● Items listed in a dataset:

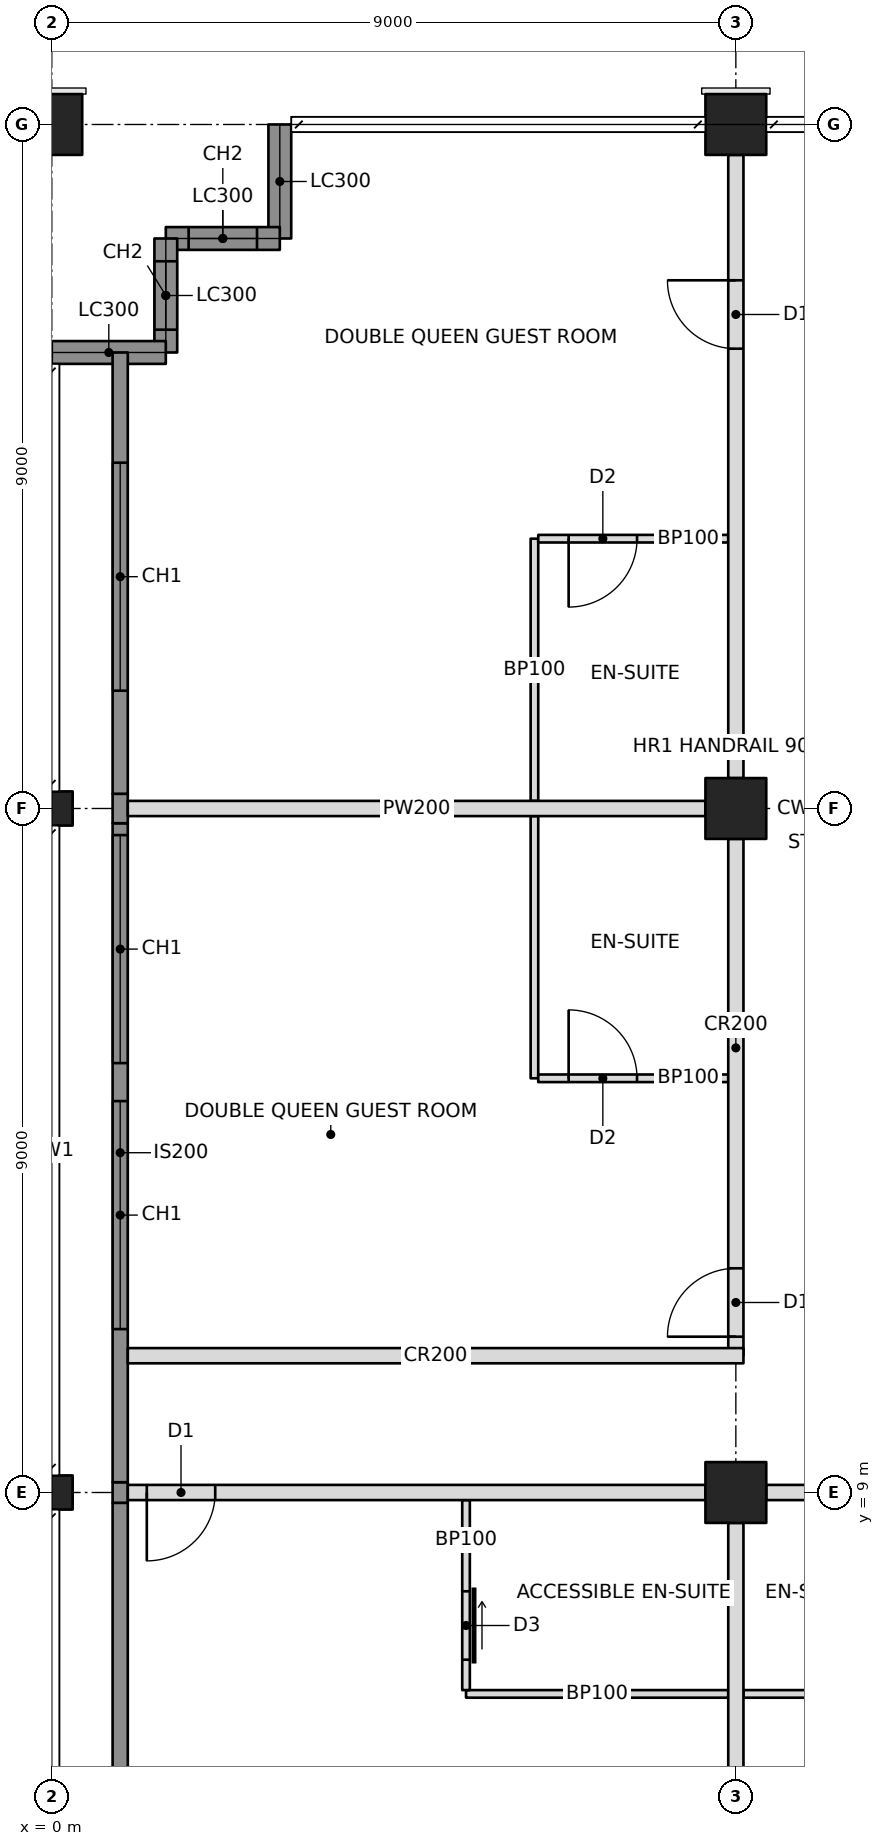
"""IFC4 building model, lengths in metres.
Left out: names, types, materials, properties, quantities, classifications, styles, units other than length and angle.
Written with IfcOpenShell. Run it as: python <this file> out.ifc"""

import sys

from ifc_helpers import new_model, si_unit, direction, frame, frame_2d, origin, origin_2d, place, context, subcontext, project, spatial, rectangle, hollow_rectangle, i_section, extrude, element, fill, save


model = new_model("IFC4")
c1 = context("Model", 3, precision=1e-05, world=origin(), true_north=direction((0.0, 1.0)))
c2 = subcontext(c1, "Body", "Model", "MODEL_VIEW")
j1 = project(units=[si_unit("LENGTHUNIT", "METRE"), si_unit("PLANEANGLEUNIT", "RADIAN")], contexts=[c1])
p1 = place(None, origin())
s1 = spatial("IfcSite", under=j1, at=p1, CompositionType="ELEMENT")
p2 = place(p1, origin())
s2 = spatial("IfcBuilding", under=s1, at=p2, CompositionType="ELEMENT")
p3 = place(p2, frame((0.0, 0.0, 191.0)))
s3 = spatial("IfcBuildingStorey", under=s2, at=p3, CompositionType="ELEMENT", Elevation=191.0)
for number, where, z_axis, x_axis in (
    (1, (0.0, 9.0, 0.0), (0.0, 0.0, 1.0), (0.0, 1.0, 0.0)),
    (2, (0.0, 18.0, 0.0), (0.0, 0.0, 1.0), (0.0, 1.0, 0.0)),
):
    element("IfcColumn", number, at=place(p3, frame(where, z_axis=z_axis, x_axis=x_axis)), inside=s3, PredefinedType="COLUMN", context=c2, shape_type="SweptSolid", body=[
        extrude(i_section(OverallWidth=0.449, OverallDepth=0.549, WebThickness=0.072, FlangeThickness=0.115, at=origin_2d()), origin(), (0.0, 0.0, 1.0), 3.4),
    ])
p4 = place(p3, frame((0.0, 27.0, 0.0), z_axis=(0.0, 0.0, 1.0), x_axis=(0.0, 1.0, 0.0)))
e3 = element("IfcColumn", 3, at=p4, inside=s3, PredefinedType="COLUMN", context=c2, shape_type="SweptSolid", body=[
    extrude(hollow_rectangle(XDim=0.8, YDim=0.8, WallThickness=0.07, at=origin_2d()), origin(), (0.0, 0.0, 1.0), 3.4),
])
for number, where, z_axis, x_axis in (
    (4, (9.0, 9.0, 0.0), (0.0, 0.0, 1.0), (1.0, 0.0, 0.0)),
    (5, (9.0, 18.0, 0.0), (0.0, 0.0, 1.0), (1.0, 0.0, 0.0)),
):
    element("IfcColumn", number, at=place(p3, frame(where, z_axis=z_axis, x_axis=x_axis)), inside=s3, PredefinedType="COLUMN", context=c2, shape_type="SweptSolid", body=[
        extrude(hollow_rectangle(XDim=0.8, YDim=0.8, WallThickness=0.06, at=origin_2d()), origin(), (0.0, 0.0, 1.0), 3.4),
    ])
p5 = place(p3, frame((9.0, 27.0, 0.0), z_axis=(0.0, 0.0, 1.0), x_axis=(1.0, 0.0, 0.0)))
e6 = element("IfcColumn", 6, at=p5, inside=s3, PredefinedType="COLUMN", context=c2, shape_type="SweptSolid", body=[
    extrude(hollow_rectangle(XDim=0.8, YDim=0.8, WallThickness=0.07, at=origin_2d()), origin(), (0.0, 0.0, 1.0), 3.4),
])
p6 = place(p3, frame((3.0, 27.0, 0.0), z_axis=(0.0, 0.0, 1.0), x_axis=(0.0, -1.0, 0.0)))
e7 = element("IfcWall", 7, at=p6, inside=s3, PredefinedType="SOLIDWALL", context=c2, shape_type="SweptSolid", body=[
    extrude(rectangle(XDim=1.5, YDim=0.3, at=frame_2d((0.75, 0.0))), origin(), (0.0, 0.0, 1.0), 2.42),
])
p7 = place(p3, frame((3.0, 25.5, 0.0), z_axis=(0.0, 0.0, 1.0), x_axis=(-1.0, 0.0, 0.0)))
e8 = element("IfcWall", 8, at=p7, inside=s3, PredefinedType="SOLIDWALL", context=c2, shape_type="SweptSolid", body=[
    extrude(rectangle(XDim=1.5, YDim=0.3, at=frame_2d((0.75, 0.0))), origin(), (0.0, 0.0, 1.0), 3.2),
])
p8 = place(p7, frame((0.3, 0.0, 0.6)))
e9 = element("IfcOpeningElement", 9, at=p8, cuts=e8, PredefinedType="OPENING", context=c2, shape_type="SweptSolid", body=[
    extrude(rectangle(XDim=0.9, YDim=2.2, at=frame_2d((0.45, 1.1))), frame((0.0, 0.16, 0.0), z_axis=(0.0, -1.0, 0.0), x_axis=(1.0, 0.0, 0.0)), (0.0, 0.0, 1.0), 0.32),
])
p9 = place(p3, frame((1.5, 25.5, 0.0), z_axis=(0.0, 0.0, 1.0), x_axis=(0.0, -1.0, 0.0)))
e10 = element("IfcWall", 10, at=p9, inside=s3, PredefinedType="SOLIDWALL", context=c2, shape_type="SweptSolid", body=[
    extrude(rectangle(XDim=1.5, YDim=0.3, at=frame_2d((0.75, 0.0))), origin(), (0.0, 0.0, 1.0), 3.2),
])
p10 = place(p9, frame((0.3, 0.0, 0.6)))
e11 = element("IfcOpeningElement", 11, at=p10, cuts=e10, PredefinedType="OPENING", context=c2, shape_type="SweptSolid", body=[
    extrude(rectangle(XDim=0.9, YDim=2.2, at=frame_2d((0.45, 1.1))), frame((0.0, 0.16, 0.0), z_axis=(0.0, -1.0, 0.0), x_axis=(1.0, 0.0, 0.0)), (0.0, 0.0, 1.0), 0.32),
])
p11 = place(p3, frame((1.5, 24.0, 0.0), z_axis=(0.0, 0.0, 1.0), x_axis=(-1.0, 0.0, 0.0)))
e12 = element("IfcWall", 12, at=p11, inside=s3, PredefinedType="SOLIDWALL", context=c2, shape_type="SweptSolid", body=[
    extrude(rectangle(XDim=1.5, YDim=0.3, at=frame_2d((0.75, 0.0))), origin(), (0.0, 0.0, 1.0), 2.42),
])
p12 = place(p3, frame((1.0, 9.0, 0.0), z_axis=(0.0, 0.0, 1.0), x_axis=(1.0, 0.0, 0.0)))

● THE PROBLEM: The expected response is every entry above, repeated exactly, pictures removed.

● RESPONSE TO THIS EXERCISE:
"""IFC4 building model, lengths in metres.
Left out: names, types, materials, properties, quantities, classifications, styles, units other than length and angle.
Written with IfcOpenShell. Run it as: python <this file> out.ifc"""

import sys

from ifc_helpers import new_model, si_unit, direction, frame, frame_2d, origin, origin_2d, place, context, subcontext, project, spatial, rectangle, hollow_rectangle, i_section, extrude, element, fill, save


model = new_model("IFC4")
c1 = context("Model", 3, precision=1e-05, world=origin(), true_north=direction((0.0, 1.0)))
c2 = subcontext(c1, "Body", "Model", "MODEL_VIEW")
j1 = project(units=[si_unit("LENGTHUNIT", "METRE"), si_unit("PLANEANGLEUNIT", "RADIAN")], contexts=[c1])
p1 = place(None, origin())
s1 = spatial("IfcSite", under=j1, at=p1, CompositionType="ELEMENT")
p2 = place(p1, origin())
s2 = spatial("IfcBuilding", under=s1, at=p2, CompositionType="ELEMENT")
p3 = place(p2, frame((0.0, 0.0, 191.0)))
s3 = spatial("IfcBuildingStorey", under=s2, at=p3, CompositionType="ELEMENT", Elevation=191.0)
for number, where, z_axis, x_axis in (
    (1, (0.0, 9.0, 0.0), (0.0, 0.0, 1.0), (0.0, 1.0, 0.0)),
    (2, (0.0, 18.0, 0.0), (0.0, 0.0, 1.0), (0.0, 1.0, 0.0)),
):
    element("IfcColumn", number, at=place(p3, frame(where, z_axis=z_axis, x_axis=x_axis)), inside=s3, PredefinedType="COLUMN", context=c2, shape_type="SweptSolid", body=[
        extrude(i_section(OverallWidth=0.449, OverallDepth=0.549, WebThickness=0.072, FlangeThickness=0.115, at=origin_2d()), origin(), (0.0, 0.0, 1.0), 3.4),
    ])
p4 = place(p3, frame((0.0, 27.0, 0.0), z_axis=(0.0, 0.0, 1.0), x_axis=(0.0, 1.0, 0.0)))
e3 = element("IfcColumn", 3, at=p4, inside=s3, PredefinedType="COLUMN", context=c2, shape_type="SweptSolid", body=[
    extrude(hollow_rectangle(XDim=0.8, YDim=0.8, WallThickness=0.07, at=origin_2d()), origin(), (0.0, 0.0, 1.0), 3.4),
])
for number, where, z_axis, x_axis in (
    (4, (9.0, 9.0, 0.0), (0.0, 0.0, 1.0), (1.0, 0.0, 0.0)),
    (5, (9.0, 18.0, 0.0), (0.0, 0.0, 1.0), (1.0, 0.0, 0.0)),
):
    element("IfcColumn", number, at=place(p3, frame(where, z_axis=z_axis, x_axis=x_axis)), inside=s3, PredefinedType="COLUMN", context=c2, shape_type="SweptSolid", body=[
        extrude(hollow_rectangle(XDim=0.8, YDim=0.8, WallThickness=0.06, at=origin_2d()), origin(), (0.0, 0.0, 1.0), 3.4),
    ])
p5 = place(p3, frame((9.0, 27.0, 0.0), z_axis=(0.0, 0.0, 1.0), x_axis=(1.0, 0.0, 0.0)))
e6 = element("IfcColumn", 6, at=p5, inside=s3, PredefinedType="COLUMN", context=c2, shape_type="SweptSolid", body=[
    extrude(hollow_rectangle(XDim=0.8, YDim=0.8, WallThickness=0.07, at=origin_2d()), origin(), (0.0, 0.0, 1.0), 3.4),
])
p6 = place(p3, frame((3.0, 27.0, 0.0), z_axis=(0.0, 0.0, 1.0), x_axis=(0.0, -1.0, 0.0)))
e7 = element("IfcWall", 7, at=p6, inside=s3, PredefinedType="SOLIDWALL", context=c2, shape_type="SweptSolid", body=[
    extrude(rectangle(XDim=1.5, YDim=0.3, at=frame_2d((0.75, 0.0))), origin(), (0.0, 0.0, 1.0), 2.42),
])
p7 = place(p3, frame((3.0, 25.5, 0.0), z_axis=(0.0, 0.0, 1.0), x_axis=(-1.0, 0.0, 0.0)))
e8 = element("IfcWall", 8, at=p7, inside=s3, PredefinedType="SOLIDWALL", context=c2, shape_type="SweptSolid", body=[
    extrude(rectangle(XDim=1.5, YDim=0.3, at=frame_2d((0.75, 0.0))), origin(), (0.0, 0.0, 1.0), 3.2),
])
p8 = place(p7, frame((0.3, 0.0, 0.6)))
e9 = element("IfcOpeningElement", 9, at=p8, cuts=e8, PredefinedType="OPENING", context=c2, shape_type="SweptSolid", body=[
    extrude(rectangle(XDim=0.9, YDim=2.2, at=frame_2d((0.45, 1.1))), frame((0.0, 0.16, 0.0), z_axis=(0.0, -1.0, 0.0), x_axis=(1.0, 0.0, 0.0)), (0.0, 0.0, 1.0), 0.32),
])
p9 = place(p3, frame((1.5, 25.5, 0.0), z_axis=(0.0, 0.0, 1.0), x_axis=(0.0, -1.0, 0.0)))
e10 = element("IfcWall", 10, at=p9, inside=s3, PredefinedType="SOLIDWALL", context=c2, shape_type="SweptSolid", body=[
    extrude(rectangle(XDim=1.5, YDim=0.3, at=frame_2d((0.75, 0.0))), origin(), (0.0, 0.0, 1.0), 3.2),
])
p10 = place(p9, frame((0.3, 0.0, 0.6)))
e11 = element("IfcOpeningElement", 11, at=p10, cuts=e10, PredefinedType="OPENING", context=c2, shape_type="SweptSolid", body=[
    extrude(rectangle(XDim=0.9, YDim=2.2, at=frame_2d((0.45, 1.1))), frame((0.0, 0.16, 0.0), z_axis=(0.0, -1.0, 0.0), x_axis=(1.0, 0.0, 0.0)), (0.0, 0.0, 1.0), 0.32),
])
p11 = place(p3, frame((1.5, 24.0, 0.0), z_axis=(0.0, 0.0, 1.0), x_axis=(-1.0, 0.0, 0.0)))
e12 = element("IfcWall", 12, at=p11, inside=s3, PredefinedType="SOLIDWALL", context=c2, shape_type="SweptSolid", body=[
    extrude(rectangle(XDim=1.5, YDim=0.3, at=frame_2d((0.75, 0.0))), origin(), (0.0, 0.0, 1.0), 2.42),
])
p12 = place(p3, frame((1.0, 9.0, 0.0), z_axis=(0.0, 0.0, 1.0), x_axis=(1.0, 0.0, 0.0)))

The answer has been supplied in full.